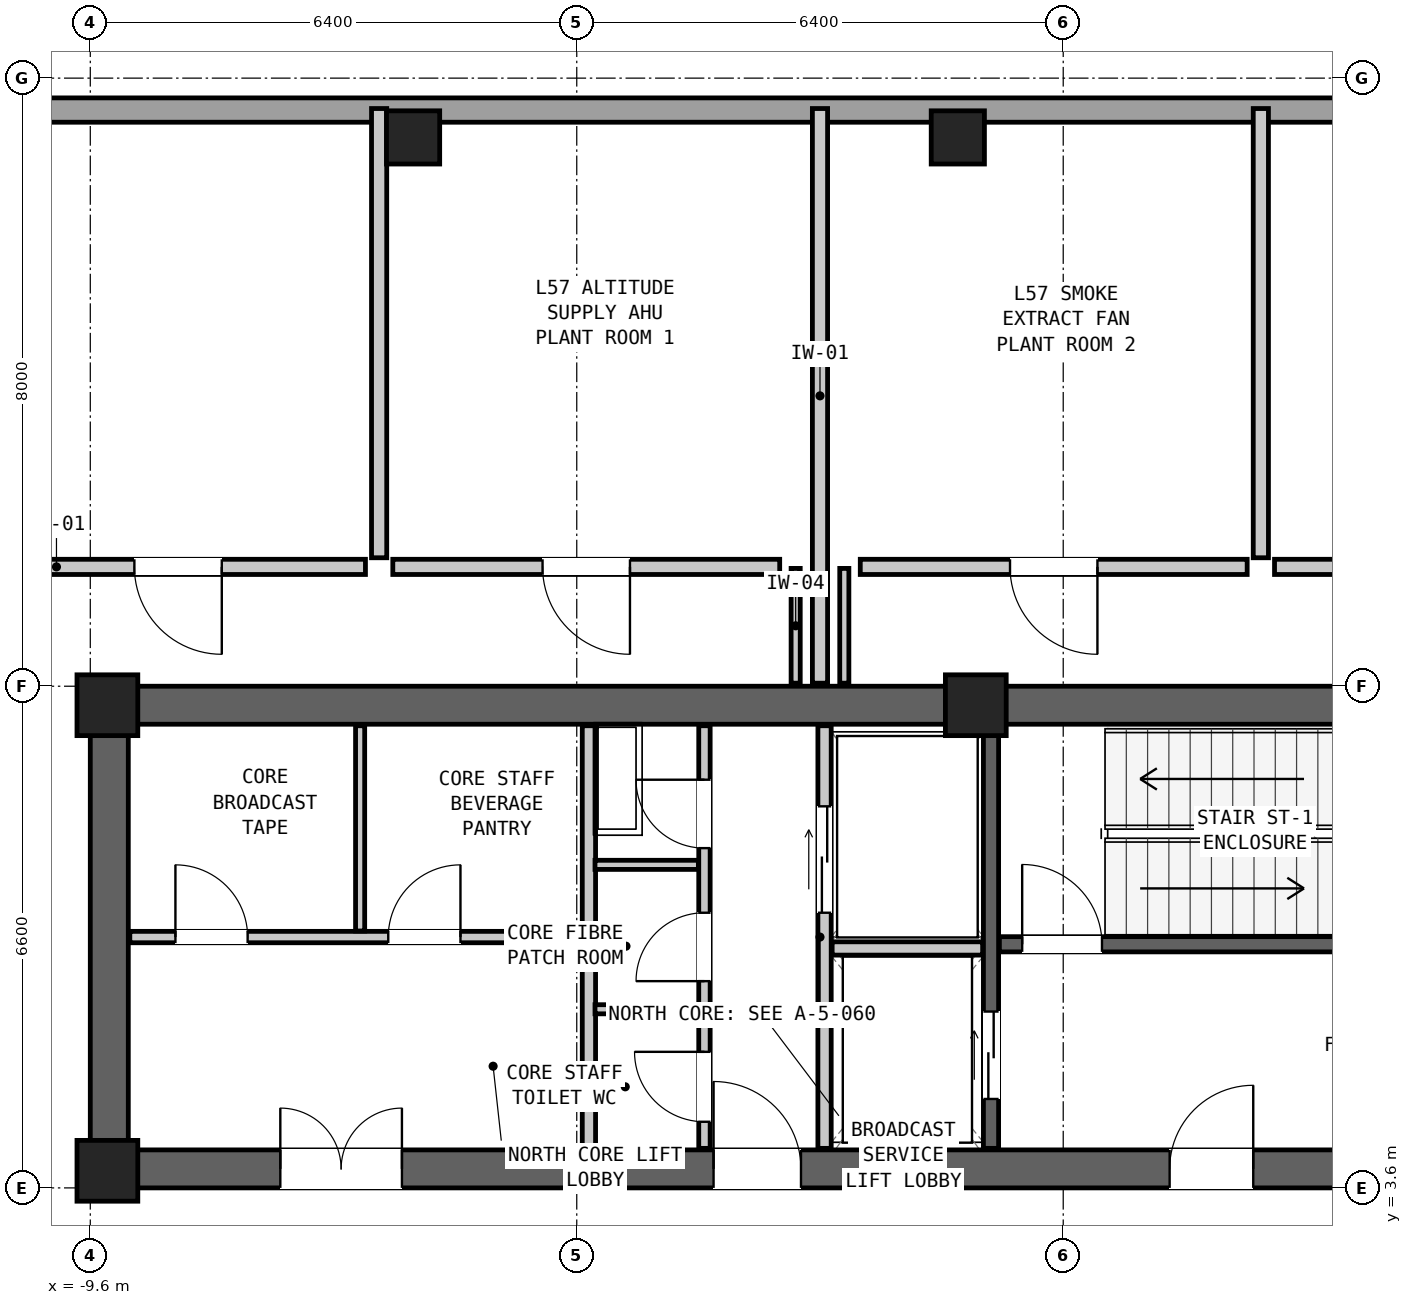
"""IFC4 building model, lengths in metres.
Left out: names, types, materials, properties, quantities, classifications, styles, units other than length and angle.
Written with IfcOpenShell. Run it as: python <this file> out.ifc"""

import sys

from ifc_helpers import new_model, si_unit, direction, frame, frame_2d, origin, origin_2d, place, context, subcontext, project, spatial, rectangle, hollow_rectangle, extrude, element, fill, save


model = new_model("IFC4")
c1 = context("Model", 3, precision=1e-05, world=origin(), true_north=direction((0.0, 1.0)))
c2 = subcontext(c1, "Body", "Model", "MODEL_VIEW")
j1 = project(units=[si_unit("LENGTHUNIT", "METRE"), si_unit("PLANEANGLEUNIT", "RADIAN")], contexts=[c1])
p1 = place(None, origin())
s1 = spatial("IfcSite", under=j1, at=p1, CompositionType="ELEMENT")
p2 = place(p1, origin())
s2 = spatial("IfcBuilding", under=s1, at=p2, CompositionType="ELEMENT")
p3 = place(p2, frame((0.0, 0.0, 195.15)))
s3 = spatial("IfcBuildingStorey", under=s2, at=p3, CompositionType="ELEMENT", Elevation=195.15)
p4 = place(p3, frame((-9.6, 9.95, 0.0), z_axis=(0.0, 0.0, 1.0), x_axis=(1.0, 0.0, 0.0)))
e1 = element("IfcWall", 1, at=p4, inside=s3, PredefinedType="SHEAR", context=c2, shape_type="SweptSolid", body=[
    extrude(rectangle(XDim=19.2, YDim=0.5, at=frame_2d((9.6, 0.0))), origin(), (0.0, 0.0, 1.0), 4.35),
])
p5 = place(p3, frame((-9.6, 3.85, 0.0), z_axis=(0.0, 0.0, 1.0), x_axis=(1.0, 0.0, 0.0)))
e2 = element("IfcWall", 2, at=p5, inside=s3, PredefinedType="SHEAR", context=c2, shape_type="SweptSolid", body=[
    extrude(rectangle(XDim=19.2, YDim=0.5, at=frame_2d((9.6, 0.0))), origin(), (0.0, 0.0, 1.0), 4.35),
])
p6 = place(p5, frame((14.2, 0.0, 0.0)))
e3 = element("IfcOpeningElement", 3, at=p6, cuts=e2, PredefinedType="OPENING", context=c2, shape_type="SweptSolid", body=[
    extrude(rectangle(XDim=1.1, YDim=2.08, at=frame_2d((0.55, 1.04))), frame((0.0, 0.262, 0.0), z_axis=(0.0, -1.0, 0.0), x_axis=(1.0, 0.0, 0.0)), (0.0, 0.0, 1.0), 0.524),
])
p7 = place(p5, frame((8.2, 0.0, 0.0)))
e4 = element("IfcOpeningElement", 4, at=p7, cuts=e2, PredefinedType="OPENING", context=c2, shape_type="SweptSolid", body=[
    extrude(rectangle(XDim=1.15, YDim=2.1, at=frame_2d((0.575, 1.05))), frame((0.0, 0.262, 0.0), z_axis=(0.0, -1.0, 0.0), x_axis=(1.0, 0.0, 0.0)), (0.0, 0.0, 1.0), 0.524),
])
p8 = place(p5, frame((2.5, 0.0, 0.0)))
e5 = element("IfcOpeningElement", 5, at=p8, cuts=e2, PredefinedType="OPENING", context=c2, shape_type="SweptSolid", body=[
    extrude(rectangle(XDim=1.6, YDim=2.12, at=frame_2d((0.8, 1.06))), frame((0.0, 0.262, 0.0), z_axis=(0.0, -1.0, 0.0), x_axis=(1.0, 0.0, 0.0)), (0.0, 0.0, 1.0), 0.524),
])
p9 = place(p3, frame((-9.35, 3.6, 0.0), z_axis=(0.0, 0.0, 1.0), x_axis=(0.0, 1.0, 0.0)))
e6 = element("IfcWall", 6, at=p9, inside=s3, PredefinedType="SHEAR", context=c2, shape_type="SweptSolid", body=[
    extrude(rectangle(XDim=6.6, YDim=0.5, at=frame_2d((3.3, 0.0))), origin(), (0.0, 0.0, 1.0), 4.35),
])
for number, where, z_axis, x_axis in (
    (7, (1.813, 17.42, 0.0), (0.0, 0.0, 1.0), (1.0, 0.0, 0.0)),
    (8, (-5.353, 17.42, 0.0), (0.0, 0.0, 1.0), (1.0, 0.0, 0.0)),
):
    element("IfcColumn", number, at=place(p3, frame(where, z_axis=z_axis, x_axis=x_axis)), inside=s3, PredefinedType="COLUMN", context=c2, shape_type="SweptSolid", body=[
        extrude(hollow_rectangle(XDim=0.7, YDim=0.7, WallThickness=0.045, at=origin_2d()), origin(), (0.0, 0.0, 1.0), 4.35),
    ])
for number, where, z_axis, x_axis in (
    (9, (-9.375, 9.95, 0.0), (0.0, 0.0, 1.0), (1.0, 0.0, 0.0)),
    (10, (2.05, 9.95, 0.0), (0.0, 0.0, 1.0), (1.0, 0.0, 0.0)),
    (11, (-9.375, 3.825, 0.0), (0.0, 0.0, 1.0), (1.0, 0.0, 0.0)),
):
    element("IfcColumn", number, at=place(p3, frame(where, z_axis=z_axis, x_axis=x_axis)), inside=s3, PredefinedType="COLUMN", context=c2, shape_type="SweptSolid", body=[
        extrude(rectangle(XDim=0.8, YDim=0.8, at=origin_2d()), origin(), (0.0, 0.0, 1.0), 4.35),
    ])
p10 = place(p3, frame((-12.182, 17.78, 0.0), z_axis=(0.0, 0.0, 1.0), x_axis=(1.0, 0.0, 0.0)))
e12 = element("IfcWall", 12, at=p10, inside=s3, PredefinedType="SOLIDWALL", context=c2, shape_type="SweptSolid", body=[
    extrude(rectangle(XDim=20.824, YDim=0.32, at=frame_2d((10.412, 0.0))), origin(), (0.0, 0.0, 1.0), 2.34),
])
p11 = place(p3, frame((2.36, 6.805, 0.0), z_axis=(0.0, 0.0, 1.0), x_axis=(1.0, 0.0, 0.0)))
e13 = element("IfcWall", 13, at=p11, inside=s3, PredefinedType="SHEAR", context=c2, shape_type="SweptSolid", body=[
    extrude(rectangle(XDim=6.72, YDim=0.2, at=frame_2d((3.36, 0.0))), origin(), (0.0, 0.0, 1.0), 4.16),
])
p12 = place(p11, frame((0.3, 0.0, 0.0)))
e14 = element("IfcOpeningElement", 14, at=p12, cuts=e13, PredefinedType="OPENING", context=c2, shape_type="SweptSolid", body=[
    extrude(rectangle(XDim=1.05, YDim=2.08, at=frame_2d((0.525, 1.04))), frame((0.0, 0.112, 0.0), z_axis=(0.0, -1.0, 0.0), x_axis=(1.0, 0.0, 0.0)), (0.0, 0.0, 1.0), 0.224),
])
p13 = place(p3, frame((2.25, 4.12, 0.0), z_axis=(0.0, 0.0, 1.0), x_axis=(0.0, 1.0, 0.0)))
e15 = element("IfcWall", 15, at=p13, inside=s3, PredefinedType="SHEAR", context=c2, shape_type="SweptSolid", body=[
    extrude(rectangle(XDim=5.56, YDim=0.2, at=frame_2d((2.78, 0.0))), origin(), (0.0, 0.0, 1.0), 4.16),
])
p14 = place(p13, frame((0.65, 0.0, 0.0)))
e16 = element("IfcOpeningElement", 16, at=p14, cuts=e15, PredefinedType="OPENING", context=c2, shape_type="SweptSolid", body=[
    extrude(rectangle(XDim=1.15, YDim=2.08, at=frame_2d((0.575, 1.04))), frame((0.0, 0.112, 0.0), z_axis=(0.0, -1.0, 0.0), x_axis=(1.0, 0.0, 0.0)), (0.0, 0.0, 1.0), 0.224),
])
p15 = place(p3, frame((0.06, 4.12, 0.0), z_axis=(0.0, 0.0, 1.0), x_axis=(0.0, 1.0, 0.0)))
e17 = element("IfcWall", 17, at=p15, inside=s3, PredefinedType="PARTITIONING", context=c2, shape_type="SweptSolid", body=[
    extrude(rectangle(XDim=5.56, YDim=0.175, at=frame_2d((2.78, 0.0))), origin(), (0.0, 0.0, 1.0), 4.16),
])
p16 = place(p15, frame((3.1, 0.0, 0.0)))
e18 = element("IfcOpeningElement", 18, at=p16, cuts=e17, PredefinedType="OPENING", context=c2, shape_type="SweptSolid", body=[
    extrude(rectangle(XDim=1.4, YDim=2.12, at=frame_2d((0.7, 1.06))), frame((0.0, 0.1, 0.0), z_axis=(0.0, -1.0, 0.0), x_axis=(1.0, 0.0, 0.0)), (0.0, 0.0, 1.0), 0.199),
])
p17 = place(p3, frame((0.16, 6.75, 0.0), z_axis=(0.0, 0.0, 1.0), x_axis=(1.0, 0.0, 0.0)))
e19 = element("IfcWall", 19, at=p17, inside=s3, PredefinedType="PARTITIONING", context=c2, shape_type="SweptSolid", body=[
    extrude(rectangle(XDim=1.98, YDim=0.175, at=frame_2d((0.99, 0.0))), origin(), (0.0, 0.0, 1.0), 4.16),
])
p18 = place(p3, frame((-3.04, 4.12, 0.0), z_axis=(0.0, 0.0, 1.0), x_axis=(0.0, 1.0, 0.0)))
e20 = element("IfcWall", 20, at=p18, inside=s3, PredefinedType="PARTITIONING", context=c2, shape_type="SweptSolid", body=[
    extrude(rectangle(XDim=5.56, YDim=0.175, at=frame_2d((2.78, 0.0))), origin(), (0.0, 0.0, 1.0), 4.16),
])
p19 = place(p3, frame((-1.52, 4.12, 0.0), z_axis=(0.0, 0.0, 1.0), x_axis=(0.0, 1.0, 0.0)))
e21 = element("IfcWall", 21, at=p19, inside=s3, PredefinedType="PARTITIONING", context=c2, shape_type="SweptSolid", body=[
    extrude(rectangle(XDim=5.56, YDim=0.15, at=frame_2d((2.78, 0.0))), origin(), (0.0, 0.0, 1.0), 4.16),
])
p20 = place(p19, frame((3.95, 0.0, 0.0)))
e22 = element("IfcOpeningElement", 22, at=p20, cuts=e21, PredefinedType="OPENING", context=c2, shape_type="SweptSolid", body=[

[Exercise brief] From the entries, report every line in which the string "subcontext" occurs.

[Answer]
from ifc_helpers import new_model, si_unit, direction, frame, frame_2d, origin, origin_2d, place, context, subcontext, project, spatial, rectangle, hollow_rectangle, extrude, element, fill, save
c2 = subcontext(c1, "Body", "Model", "MODEL_VIEW")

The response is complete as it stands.